Each line below with the word "project" needs to be copied.

#### Data to use

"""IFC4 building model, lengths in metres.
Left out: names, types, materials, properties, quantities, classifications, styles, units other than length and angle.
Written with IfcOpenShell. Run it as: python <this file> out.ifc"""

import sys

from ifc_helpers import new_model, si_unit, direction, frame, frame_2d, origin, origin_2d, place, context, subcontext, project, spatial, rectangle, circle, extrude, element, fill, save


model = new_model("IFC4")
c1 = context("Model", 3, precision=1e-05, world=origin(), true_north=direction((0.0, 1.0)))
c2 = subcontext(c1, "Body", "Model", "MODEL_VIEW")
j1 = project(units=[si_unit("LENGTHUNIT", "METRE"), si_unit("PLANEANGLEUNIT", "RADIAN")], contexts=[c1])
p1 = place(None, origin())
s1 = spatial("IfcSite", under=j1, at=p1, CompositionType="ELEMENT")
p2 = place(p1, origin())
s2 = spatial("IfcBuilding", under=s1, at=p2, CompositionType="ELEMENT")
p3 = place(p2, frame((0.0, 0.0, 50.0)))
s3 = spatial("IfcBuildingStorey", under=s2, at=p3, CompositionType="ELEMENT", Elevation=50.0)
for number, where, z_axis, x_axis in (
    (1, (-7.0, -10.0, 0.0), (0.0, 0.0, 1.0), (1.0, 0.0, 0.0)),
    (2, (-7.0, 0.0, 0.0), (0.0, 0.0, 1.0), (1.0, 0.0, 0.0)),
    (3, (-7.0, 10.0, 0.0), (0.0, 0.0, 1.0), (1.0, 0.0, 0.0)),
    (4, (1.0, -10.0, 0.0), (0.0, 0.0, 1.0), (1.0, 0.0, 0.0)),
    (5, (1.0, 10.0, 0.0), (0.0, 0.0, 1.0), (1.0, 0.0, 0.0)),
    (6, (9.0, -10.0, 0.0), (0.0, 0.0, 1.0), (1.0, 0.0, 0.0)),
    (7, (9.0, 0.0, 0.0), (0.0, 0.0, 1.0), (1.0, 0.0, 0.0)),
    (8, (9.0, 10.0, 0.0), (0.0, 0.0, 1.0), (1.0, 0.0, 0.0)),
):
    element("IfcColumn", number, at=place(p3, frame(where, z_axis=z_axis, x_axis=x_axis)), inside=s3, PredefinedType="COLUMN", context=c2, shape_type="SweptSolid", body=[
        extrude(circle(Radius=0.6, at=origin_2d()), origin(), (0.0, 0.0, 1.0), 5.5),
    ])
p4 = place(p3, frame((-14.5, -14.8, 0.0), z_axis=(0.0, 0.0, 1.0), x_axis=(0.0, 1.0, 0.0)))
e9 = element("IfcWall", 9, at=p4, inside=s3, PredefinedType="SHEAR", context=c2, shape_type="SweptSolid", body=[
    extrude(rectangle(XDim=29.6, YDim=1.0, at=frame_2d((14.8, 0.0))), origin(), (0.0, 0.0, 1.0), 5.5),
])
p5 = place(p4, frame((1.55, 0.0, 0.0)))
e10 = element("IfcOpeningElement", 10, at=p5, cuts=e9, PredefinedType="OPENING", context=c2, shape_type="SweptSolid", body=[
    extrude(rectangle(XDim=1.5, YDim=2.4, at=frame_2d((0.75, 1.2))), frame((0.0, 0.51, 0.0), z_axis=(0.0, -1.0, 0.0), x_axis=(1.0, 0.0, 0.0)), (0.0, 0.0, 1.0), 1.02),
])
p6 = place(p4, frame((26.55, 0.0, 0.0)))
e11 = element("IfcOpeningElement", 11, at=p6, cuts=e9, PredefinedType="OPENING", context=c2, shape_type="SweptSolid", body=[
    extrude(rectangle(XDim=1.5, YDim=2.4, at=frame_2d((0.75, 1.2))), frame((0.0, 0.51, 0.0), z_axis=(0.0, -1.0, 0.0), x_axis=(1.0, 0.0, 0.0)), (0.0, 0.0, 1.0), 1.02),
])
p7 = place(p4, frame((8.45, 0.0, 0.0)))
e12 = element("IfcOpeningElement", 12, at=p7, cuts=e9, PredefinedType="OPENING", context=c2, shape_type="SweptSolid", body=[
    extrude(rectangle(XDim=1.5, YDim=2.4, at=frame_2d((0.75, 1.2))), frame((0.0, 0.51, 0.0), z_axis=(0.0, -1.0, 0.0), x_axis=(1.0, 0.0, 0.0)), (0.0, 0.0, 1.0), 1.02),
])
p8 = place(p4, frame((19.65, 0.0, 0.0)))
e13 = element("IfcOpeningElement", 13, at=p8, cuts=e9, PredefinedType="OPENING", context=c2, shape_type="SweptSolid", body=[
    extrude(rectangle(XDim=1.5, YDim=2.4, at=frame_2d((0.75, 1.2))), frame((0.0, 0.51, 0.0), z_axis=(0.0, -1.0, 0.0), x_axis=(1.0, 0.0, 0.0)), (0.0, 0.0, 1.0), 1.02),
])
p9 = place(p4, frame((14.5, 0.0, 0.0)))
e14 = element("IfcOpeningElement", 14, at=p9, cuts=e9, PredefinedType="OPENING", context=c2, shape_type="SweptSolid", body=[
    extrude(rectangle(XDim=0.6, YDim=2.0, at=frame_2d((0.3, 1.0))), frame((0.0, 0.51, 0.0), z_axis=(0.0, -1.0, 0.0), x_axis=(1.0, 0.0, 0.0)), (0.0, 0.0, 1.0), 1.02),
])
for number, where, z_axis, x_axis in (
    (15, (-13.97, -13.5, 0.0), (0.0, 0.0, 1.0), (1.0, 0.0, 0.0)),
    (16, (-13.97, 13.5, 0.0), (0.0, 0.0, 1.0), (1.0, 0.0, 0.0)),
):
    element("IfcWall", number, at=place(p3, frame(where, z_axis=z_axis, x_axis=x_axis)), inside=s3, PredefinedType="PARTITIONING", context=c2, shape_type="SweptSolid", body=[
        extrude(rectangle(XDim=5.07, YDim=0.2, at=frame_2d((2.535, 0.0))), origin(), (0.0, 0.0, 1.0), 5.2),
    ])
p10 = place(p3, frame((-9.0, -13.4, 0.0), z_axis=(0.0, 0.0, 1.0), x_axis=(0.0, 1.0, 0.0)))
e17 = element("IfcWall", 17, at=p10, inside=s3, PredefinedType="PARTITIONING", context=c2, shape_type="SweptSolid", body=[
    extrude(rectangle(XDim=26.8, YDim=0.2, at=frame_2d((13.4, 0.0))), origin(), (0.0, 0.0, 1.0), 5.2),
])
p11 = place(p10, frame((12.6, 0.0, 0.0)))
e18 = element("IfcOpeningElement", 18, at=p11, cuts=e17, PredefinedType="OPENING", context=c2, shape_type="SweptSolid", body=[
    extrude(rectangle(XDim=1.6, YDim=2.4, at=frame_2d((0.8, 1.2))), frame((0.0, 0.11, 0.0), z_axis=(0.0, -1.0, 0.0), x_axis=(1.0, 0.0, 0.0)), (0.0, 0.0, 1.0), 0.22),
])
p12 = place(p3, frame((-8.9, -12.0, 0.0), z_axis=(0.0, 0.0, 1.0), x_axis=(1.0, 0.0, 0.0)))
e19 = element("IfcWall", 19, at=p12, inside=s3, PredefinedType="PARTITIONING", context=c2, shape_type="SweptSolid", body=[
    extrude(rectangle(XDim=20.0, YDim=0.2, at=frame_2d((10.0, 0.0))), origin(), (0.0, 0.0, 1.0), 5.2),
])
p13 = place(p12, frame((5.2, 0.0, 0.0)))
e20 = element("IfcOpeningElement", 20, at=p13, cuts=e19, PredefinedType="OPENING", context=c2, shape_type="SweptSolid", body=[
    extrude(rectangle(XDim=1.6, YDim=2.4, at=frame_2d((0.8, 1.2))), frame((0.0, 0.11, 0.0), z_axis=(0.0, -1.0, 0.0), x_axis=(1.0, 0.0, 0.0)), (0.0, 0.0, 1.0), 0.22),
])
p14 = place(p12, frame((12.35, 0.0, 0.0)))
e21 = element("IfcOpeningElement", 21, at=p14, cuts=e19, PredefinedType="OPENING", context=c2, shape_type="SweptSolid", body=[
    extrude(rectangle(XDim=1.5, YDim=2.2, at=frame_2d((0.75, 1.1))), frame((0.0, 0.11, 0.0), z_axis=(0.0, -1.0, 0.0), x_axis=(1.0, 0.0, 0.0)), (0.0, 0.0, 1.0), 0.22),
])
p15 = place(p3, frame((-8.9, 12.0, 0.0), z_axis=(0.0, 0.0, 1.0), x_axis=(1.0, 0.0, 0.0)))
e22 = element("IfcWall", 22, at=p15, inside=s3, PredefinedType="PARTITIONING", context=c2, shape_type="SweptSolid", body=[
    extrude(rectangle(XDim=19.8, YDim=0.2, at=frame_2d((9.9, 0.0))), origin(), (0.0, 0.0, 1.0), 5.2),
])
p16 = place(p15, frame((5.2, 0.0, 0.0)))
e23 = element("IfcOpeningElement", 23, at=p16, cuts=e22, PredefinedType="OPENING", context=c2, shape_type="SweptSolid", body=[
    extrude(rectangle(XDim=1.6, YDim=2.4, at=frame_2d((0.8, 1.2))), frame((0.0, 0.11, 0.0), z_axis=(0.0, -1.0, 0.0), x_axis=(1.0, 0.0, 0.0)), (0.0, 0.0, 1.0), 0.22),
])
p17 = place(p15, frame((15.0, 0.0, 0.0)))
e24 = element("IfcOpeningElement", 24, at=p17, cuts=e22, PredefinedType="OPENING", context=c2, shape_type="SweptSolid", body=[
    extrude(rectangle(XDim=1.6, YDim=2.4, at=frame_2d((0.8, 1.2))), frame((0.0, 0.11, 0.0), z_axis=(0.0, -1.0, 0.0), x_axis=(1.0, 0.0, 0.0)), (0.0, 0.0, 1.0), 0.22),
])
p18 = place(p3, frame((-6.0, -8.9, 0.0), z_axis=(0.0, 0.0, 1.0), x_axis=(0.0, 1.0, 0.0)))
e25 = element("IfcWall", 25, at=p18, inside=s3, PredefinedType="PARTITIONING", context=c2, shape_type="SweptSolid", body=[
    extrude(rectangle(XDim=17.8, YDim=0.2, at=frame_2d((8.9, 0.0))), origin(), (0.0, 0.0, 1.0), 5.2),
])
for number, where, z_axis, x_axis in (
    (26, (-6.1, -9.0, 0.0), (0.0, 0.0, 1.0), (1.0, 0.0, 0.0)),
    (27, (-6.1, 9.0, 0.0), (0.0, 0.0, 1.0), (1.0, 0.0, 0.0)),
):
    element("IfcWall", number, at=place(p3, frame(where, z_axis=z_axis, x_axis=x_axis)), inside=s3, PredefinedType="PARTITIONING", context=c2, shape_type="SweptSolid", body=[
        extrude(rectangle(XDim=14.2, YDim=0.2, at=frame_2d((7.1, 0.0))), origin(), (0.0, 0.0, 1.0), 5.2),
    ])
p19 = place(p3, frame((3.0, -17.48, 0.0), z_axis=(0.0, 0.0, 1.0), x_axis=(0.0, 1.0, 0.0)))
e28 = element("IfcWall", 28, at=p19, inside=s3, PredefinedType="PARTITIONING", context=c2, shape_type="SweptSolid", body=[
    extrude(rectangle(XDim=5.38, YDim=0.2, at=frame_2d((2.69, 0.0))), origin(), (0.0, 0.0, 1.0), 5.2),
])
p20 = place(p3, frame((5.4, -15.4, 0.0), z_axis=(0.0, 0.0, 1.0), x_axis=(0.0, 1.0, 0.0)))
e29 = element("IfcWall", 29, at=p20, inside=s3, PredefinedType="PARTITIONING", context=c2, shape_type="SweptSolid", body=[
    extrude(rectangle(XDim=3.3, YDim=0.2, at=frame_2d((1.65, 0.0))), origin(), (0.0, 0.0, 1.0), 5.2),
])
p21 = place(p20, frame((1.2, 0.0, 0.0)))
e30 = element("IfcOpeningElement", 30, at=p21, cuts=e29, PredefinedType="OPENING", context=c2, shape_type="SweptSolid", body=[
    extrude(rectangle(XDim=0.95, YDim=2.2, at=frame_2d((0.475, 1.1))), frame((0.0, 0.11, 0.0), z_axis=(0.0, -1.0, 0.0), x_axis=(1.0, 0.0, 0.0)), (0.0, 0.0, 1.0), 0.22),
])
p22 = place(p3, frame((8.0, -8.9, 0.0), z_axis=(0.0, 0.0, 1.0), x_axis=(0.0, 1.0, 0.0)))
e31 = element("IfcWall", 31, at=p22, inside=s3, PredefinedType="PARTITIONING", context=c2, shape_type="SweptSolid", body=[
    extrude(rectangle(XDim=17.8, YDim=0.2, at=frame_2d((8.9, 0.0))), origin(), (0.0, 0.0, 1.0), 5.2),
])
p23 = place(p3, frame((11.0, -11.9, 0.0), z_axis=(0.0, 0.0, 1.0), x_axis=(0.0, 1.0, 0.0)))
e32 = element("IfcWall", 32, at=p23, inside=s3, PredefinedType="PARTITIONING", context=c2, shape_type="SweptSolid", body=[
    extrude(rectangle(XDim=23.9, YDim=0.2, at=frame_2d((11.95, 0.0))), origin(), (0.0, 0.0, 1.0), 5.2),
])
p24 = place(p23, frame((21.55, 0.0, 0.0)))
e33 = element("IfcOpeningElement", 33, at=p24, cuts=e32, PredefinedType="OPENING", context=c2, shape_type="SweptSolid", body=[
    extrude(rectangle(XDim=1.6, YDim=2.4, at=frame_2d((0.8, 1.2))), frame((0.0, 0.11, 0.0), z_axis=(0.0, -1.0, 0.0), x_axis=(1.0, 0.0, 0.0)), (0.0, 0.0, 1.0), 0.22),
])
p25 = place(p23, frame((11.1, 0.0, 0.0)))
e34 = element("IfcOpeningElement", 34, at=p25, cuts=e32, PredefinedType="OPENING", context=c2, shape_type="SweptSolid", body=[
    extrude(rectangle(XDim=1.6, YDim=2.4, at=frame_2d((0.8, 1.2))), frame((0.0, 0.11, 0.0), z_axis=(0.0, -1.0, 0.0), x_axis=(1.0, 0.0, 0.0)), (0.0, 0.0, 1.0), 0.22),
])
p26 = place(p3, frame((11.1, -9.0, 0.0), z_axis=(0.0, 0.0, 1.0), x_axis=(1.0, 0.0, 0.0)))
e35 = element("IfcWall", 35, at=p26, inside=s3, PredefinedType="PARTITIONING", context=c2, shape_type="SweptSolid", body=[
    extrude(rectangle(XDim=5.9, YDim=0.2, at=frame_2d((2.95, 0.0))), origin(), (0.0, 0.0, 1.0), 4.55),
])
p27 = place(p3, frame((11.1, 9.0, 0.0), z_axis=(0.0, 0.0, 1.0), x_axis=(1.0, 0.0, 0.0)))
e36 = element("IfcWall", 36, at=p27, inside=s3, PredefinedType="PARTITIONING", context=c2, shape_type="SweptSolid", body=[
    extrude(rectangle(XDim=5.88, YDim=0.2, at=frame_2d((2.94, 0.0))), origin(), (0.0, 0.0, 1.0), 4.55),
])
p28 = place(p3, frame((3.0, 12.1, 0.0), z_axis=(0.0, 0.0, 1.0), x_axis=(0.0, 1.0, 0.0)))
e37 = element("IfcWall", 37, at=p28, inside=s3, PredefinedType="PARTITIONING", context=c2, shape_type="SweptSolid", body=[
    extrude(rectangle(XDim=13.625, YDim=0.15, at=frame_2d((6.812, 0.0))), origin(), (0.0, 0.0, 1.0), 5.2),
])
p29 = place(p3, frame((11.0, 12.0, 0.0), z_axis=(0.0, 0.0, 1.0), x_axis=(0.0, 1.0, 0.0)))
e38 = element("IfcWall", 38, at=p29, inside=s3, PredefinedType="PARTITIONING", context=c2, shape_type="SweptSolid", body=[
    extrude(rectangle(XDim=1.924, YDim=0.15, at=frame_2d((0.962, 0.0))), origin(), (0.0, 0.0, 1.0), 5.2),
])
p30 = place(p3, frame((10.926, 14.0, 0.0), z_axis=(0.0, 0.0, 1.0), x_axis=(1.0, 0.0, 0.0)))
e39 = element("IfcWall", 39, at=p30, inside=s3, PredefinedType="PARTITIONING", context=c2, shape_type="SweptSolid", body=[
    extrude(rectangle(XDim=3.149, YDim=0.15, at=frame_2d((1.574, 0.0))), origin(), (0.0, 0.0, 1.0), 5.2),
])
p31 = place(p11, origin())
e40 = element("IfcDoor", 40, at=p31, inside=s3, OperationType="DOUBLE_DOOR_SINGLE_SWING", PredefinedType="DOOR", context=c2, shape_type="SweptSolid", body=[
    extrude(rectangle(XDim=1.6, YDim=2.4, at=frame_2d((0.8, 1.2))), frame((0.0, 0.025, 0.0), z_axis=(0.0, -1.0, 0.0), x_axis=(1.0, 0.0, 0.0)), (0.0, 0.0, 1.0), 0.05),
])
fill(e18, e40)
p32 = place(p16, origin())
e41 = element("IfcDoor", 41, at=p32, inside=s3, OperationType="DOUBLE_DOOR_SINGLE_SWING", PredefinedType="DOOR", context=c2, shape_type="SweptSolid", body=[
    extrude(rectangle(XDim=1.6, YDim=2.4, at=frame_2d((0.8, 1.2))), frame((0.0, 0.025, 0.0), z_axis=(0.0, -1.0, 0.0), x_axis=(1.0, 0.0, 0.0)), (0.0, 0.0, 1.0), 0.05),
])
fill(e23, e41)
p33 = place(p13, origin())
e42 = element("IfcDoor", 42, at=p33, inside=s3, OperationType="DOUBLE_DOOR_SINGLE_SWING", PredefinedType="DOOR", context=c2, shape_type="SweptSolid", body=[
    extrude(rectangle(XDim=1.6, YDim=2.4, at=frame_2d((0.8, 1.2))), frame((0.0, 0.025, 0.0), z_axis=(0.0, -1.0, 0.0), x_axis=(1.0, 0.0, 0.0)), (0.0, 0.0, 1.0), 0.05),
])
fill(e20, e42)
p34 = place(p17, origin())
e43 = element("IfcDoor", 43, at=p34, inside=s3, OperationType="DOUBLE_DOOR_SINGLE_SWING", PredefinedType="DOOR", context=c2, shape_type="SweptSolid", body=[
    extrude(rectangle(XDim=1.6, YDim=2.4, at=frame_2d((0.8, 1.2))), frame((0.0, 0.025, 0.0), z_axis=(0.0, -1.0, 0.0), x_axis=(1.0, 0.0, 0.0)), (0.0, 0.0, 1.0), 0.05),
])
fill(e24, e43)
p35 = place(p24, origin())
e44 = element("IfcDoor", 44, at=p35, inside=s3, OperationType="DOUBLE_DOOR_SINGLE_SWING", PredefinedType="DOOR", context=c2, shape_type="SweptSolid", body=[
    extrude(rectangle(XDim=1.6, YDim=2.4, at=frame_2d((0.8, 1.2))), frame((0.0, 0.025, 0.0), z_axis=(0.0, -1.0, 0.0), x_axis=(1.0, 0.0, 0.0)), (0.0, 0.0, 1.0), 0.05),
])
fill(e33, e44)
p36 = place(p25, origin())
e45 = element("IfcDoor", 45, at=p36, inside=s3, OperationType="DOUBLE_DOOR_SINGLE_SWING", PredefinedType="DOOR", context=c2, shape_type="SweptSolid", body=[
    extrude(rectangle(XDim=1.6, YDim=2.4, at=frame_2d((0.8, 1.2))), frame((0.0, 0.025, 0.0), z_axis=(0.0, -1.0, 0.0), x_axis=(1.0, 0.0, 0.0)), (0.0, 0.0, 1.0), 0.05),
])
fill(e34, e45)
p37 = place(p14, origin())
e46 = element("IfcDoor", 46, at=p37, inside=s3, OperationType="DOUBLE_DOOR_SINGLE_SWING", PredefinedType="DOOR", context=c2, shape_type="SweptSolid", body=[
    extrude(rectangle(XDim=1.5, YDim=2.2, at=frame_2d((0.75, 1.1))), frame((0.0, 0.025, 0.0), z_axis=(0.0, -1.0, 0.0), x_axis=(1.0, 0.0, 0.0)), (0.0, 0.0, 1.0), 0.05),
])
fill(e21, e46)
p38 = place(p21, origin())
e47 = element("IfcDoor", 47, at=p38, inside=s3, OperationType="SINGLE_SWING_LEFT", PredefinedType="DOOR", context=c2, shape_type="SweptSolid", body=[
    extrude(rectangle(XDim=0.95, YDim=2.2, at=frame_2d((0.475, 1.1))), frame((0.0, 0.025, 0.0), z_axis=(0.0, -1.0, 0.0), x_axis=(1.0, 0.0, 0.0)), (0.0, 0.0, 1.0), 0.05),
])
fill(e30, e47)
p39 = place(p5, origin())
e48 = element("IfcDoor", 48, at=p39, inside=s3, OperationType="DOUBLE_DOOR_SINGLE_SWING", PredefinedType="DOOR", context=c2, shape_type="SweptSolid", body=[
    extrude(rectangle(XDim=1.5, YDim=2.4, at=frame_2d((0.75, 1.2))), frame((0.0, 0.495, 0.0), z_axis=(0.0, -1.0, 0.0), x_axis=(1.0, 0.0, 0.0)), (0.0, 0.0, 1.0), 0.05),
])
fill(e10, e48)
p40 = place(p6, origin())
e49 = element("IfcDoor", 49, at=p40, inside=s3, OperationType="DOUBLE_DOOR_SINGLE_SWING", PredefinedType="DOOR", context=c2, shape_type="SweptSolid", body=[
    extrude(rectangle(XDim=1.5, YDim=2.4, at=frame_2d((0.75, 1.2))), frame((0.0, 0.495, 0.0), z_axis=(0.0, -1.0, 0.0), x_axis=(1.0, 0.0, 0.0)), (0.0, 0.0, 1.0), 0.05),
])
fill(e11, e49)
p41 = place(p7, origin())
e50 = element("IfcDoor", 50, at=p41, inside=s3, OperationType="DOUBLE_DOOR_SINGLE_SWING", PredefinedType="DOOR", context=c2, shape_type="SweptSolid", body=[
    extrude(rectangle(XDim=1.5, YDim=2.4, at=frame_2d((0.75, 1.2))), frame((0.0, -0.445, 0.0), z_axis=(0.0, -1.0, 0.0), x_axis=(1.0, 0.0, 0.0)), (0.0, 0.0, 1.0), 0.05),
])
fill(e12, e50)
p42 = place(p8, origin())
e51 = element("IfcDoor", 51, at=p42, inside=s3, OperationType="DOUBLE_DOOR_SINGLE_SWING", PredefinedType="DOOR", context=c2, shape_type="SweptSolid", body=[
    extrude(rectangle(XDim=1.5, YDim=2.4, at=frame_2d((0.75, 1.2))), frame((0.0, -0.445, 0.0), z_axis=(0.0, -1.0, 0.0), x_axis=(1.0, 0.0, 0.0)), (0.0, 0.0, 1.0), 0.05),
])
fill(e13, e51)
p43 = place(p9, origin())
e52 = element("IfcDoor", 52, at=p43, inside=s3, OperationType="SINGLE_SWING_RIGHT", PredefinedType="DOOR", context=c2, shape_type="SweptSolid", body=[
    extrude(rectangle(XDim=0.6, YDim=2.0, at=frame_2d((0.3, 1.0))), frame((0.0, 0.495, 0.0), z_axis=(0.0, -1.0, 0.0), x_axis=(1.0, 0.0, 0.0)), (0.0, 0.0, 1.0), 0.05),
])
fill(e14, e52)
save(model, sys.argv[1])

########

__Answer__:
from ifc_helpers import new_model, si_unit, direction, frame, frame_2d, origin, origin_2d, place, context, subcontext, project, spatial, rectangle, circle, extrude, element, fill, save
j1 = project(units=[si_unit("LENGTHUNIT", "METRE"), si_unit("PLANEANGLEUNIT", "RADIAN")], contexts=[c1])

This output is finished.